• _Try it_: Look through the records that follow. Copy every line containing the word "layers".

Input material: Begin

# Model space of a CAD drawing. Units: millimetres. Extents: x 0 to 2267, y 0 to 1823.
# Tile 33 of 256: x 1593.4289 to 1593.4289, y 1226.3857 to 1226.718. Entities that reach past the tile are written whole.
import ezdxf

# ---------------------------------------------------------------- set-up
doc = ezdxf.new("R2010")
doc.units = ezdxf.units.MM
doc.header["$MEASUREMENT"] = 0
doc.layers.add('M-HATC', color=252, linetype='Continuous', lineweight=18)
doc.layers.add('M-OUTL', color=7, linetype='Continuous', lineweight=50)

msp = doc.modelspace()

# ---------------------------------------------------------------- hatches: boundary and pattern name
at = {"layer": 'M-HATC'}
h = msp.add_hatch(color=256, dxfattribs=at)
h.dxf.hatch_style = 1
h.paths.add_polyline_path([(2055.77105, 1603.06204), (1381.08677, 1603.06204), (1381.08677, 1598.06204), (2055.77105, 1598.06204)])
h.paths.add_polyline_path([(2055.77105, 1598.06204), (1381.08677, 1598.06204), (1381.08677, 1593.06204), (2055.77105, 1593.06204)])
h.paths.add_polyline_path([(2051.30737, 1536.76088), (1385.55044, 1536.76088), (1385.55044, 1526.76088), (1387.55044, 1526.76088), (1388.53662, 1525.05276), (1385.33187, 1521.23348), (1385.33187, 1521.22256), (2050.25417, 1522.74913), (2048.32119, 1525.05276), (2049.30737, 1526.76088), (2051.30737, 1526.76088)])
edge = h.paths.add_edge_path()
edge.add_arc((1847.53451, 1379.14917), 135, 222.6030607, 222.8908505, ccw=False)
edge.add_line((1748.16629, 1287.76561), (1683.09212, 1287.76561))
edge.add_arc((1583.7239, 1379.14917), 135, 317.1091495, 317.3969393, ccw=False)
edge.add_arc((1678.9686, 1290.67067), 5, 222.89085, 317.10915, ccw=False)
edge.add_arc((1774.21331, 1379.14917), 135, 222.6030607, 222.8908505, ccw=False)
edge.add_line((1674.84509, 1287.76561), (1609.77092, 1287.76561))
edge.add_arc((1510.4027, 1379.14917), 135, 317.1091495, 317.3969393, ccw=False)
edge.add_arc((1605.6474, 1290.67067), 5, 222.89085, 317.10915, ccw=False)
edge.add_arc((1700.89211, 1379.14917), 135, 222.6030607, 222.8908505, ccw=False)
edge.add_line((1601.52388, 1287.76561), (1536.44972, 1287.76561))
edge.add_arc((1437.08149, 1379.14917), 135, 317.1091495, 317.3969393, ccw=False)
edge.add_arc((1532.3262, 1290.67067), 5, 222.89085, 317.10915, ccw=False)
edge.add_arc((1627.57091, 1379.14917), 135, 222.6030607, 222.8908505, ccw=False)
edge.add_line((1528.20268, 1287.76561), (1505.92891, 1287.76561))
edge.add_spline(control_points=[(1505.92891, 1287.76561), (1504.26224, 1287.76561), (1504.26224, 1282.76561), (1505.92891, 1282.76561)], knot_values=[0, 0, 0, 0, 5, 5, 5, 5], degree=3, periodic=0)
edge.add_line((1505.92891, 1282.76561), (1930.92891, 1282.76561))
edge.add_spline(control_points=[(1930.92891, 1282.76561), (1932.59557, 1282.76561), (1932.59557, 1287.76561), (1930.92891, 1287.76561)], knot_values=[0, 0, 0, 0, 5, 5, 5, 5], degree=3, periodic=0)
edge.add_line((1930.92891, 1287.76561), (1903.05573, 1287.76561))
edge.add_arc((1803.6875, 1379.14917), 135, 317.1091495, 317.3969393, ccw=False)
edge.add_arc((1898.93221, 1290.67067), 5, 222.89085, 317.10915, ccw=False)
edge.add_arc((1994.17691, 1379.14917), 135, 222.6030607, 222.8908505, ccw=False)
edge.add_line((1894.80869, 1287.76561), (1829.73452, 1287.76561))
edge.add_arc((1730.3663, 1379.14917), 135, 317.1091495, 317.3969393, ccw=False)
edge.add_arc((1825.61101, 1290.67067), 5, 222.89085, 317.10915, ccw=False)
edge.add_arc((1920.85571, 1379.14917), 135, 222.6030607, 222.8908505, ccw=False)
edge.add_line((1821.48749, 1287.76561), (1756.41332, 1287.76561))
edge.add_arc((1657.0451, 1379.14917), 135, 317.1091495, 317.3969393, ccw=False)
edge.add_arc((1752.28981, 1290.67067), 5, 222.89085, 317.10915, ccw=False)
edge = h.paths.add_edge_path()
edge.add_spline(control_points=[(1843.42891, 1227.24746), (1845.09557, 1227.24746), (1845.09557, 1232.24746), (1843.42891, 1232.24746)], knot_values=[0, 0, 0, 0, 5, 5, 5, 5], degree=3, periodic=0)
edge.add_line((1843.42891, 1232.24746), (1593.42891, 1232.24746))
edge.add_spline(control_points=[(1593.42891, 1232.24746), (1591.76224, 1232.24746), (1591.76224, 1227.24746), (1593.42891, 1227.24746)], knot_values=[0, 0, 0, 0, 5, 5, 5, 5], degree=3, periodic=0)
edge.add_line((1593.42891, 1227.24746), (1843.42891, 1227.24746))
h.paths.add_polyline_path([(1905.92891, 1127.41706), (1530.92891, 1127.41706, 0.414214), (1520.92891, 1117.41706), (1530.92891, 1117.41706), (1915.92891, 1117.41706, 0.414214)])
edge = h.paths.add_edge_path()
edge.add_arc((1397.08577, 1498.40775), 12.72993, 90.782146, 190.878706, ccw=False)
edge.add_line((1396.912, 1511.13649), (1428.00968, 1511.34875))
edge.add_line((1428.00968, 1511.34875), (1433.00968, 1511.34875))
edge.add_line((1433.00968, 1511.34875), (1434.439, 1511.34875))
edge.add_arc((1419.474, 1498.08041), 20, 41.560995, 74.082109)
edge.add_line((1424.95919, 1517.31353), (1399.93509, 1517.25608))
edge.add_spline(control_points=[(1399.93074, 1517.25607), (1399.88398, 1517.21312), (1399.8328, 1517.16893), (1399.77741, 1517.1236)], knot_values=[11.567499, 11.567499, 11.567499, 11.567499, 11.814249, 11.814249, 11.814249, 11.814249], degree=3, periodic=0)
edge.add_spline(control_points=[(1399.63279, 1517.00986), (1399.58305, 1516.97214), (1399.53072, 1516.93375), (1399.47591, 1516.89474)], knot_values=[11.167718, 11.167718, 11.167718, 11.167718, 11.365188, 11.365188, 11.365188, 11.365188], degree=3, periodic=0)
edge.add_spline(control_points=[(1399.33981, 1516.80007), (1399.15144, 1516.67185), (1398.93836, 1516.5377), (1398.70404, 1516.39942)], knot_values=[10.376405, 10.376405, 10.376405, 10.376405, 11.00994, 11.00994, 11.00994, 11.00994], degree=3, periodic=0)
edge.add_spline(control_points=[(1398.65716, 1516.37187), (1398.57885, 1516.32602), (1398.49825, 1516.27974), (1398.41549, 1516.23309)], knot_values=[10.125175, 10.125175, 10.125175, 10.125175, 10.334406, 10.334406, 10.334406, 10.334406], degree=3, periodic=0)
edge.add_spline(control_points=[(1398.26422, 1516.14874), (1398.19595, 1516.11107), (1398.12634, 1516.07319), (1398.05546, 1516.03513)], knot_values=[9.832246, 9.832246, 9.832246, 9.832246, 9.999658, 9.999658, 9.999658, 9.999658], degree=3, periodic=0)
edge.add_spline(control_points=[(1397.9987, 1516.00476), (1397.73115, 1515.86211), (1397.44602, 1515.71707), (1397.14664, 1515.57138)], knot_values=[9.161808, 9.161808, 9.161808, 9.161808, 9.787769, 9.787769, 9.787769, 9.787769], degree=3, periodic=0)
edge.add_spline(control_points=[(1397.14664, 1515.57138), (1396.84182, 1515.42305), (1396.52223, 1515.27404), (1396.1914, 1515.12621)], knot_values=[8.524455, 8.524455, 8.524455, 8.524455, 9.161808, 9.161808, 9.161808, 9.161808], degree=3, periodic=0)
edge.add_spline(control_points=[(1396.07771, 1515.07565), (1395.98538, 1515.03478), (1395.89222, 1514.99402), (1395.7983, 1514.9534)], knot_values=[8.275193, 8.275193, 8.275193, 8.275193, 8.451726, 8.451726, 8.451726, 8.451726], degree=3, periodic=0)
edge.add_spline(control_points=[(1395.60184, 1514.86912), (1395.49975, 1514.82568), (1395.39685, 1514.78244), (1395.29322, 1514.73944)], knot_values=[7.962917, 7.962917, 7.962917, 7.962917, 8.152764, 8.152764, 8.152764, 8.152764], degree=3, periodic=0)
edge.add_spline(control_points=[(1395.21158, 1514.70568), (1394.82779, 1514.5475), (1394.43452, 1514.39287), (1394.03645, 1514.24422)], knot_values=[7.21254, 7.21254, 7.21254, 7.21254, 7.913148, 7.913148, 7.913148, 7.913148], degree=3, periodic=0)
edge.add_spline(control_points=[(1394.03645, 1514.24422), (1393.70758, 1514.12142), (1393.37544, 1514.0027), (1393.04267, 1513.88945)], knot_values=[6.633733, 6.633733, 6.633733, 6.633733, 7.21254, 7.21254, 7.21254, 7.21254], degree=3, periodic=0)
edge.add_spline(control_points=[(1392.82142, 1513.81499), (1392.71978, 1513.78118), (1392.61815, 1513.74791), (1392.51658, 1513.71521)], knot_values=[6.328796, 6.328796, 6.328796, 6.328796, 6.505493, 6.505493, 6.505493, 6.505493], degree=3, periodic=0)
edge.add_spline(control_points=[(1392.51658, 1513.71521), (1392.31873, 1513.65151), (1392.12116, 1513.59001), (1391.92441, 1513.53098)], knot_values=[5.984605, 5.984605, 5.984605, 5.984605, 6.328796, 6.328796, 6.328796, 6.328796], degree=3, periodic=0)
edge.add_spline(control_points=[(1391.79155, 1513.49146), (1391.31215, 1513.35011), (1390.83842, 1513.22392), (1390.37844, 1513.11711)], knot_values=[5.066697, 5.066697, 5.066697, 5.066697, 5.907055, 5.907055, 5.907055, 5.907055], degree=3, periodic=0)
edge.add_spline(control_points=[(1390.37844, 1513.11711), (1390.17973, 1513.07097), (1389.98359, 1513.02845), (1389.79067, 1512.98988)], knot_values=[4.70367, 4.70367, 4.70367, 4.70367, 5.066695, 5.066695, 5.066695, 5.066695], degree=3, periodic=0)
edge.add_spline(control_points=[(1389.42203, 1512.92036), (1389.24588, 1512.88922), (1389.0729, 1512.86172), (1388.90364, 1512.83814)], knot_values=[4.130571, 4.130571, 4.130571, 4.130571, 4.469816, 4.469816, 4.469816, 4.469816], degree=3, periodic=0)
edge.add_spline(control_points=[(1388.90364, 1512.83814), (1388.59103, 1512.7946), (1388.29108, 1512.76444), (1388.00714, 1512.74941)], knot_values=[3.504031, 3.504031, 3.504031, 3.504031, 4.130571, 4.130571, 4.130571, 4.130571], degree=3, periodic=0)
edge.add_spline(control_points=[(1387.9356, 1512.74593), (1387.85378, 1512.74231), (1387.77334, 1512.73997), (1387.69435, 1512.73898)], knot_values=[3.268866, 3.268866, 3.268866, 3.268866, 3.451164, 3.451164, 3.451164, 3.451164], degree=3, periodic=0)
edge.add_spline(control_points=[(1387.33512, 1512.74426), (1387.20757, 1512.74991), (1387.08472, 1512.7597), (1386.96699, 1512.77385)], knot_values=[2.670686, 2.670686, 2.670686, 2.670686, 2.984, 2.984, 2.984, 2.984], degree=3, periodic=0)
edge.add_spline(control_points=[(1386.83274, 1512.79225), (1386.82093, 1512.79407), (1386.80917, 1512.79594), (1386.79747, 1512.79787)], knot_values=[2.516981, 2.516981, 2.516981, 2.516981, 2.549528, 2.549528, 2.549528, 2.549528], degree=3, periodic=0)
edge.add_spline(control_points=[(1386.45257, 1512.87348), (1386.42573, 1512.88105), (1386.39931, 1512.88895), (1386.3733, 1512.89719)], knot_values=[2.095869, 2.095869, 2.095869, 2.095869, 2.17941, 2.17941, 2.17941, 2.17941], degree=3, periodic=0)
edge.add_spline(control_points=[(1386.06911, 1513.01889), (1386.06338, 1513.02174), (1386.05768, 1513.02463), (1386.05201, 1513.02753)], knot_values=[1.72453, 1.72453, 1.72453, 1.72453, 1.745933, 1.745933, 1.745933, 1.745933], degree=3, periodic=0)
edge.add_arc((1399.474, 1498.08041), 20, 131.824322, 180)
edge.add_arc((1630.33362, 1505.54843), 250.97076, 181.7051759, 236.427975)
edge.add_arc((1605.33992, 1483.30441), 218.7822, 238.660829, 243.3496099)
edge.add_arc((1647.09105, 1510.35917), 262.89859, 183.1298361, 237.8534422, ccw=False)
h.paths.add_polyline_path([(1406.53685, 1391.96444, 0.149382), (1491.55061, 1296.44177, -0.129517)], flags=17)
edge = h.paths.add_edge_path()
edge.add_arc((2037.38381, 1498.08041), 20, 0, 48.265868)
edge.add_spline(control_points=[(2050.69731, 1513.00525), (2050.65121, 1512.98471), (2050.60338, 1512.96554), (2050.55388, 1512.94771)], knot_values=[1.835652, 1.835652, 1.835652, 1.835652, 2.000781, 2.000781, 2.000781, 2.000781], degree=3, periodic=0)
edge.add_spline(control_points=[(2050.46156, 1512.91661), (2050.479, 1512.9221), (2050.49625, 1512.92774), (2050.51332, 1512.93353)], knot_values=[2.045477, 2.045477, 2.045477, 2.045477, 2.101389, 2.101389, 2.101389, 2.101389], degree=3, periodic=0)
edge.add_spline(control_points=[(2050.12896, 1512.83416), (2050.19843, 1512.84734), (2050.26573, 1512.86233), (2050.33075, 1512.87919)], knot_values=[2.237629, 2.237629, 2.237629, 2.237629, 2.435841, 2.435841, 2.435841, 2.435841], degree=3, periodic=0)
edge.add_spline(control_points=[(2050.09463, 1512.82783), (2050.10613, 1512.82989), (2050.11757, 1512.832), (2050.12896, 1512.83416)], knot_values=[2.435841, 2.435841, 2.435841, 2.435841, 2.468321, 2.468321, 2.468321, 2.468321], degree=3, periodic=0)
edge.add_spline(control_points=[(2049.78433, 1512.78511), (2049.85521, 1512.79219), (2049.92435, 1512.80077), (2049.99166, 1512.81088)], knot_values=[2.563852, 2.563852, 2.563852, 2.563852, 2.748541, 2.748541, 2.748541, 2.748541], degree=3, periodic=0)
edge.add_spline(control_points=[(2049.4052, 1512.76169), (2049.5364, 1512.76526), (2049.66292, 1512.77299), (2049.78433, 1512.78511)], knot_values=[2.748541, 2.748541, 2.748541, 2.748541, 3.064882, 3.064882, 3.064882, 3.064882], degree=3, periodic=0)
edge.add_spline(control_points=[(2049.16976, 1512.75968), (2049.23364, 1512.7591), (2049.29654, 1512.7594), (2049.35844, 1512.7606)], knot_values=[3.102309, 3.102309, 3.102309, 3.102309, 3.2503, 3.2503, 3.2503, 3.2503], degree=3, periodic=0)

Input material: End

• _Result for this task_:
doc.layers.add('M-HATC', color=252, linetype='Continuous', lineweight=18)
doc.layers.add('M-OUTL', color=7, linetype='Continuous', lineweight=50)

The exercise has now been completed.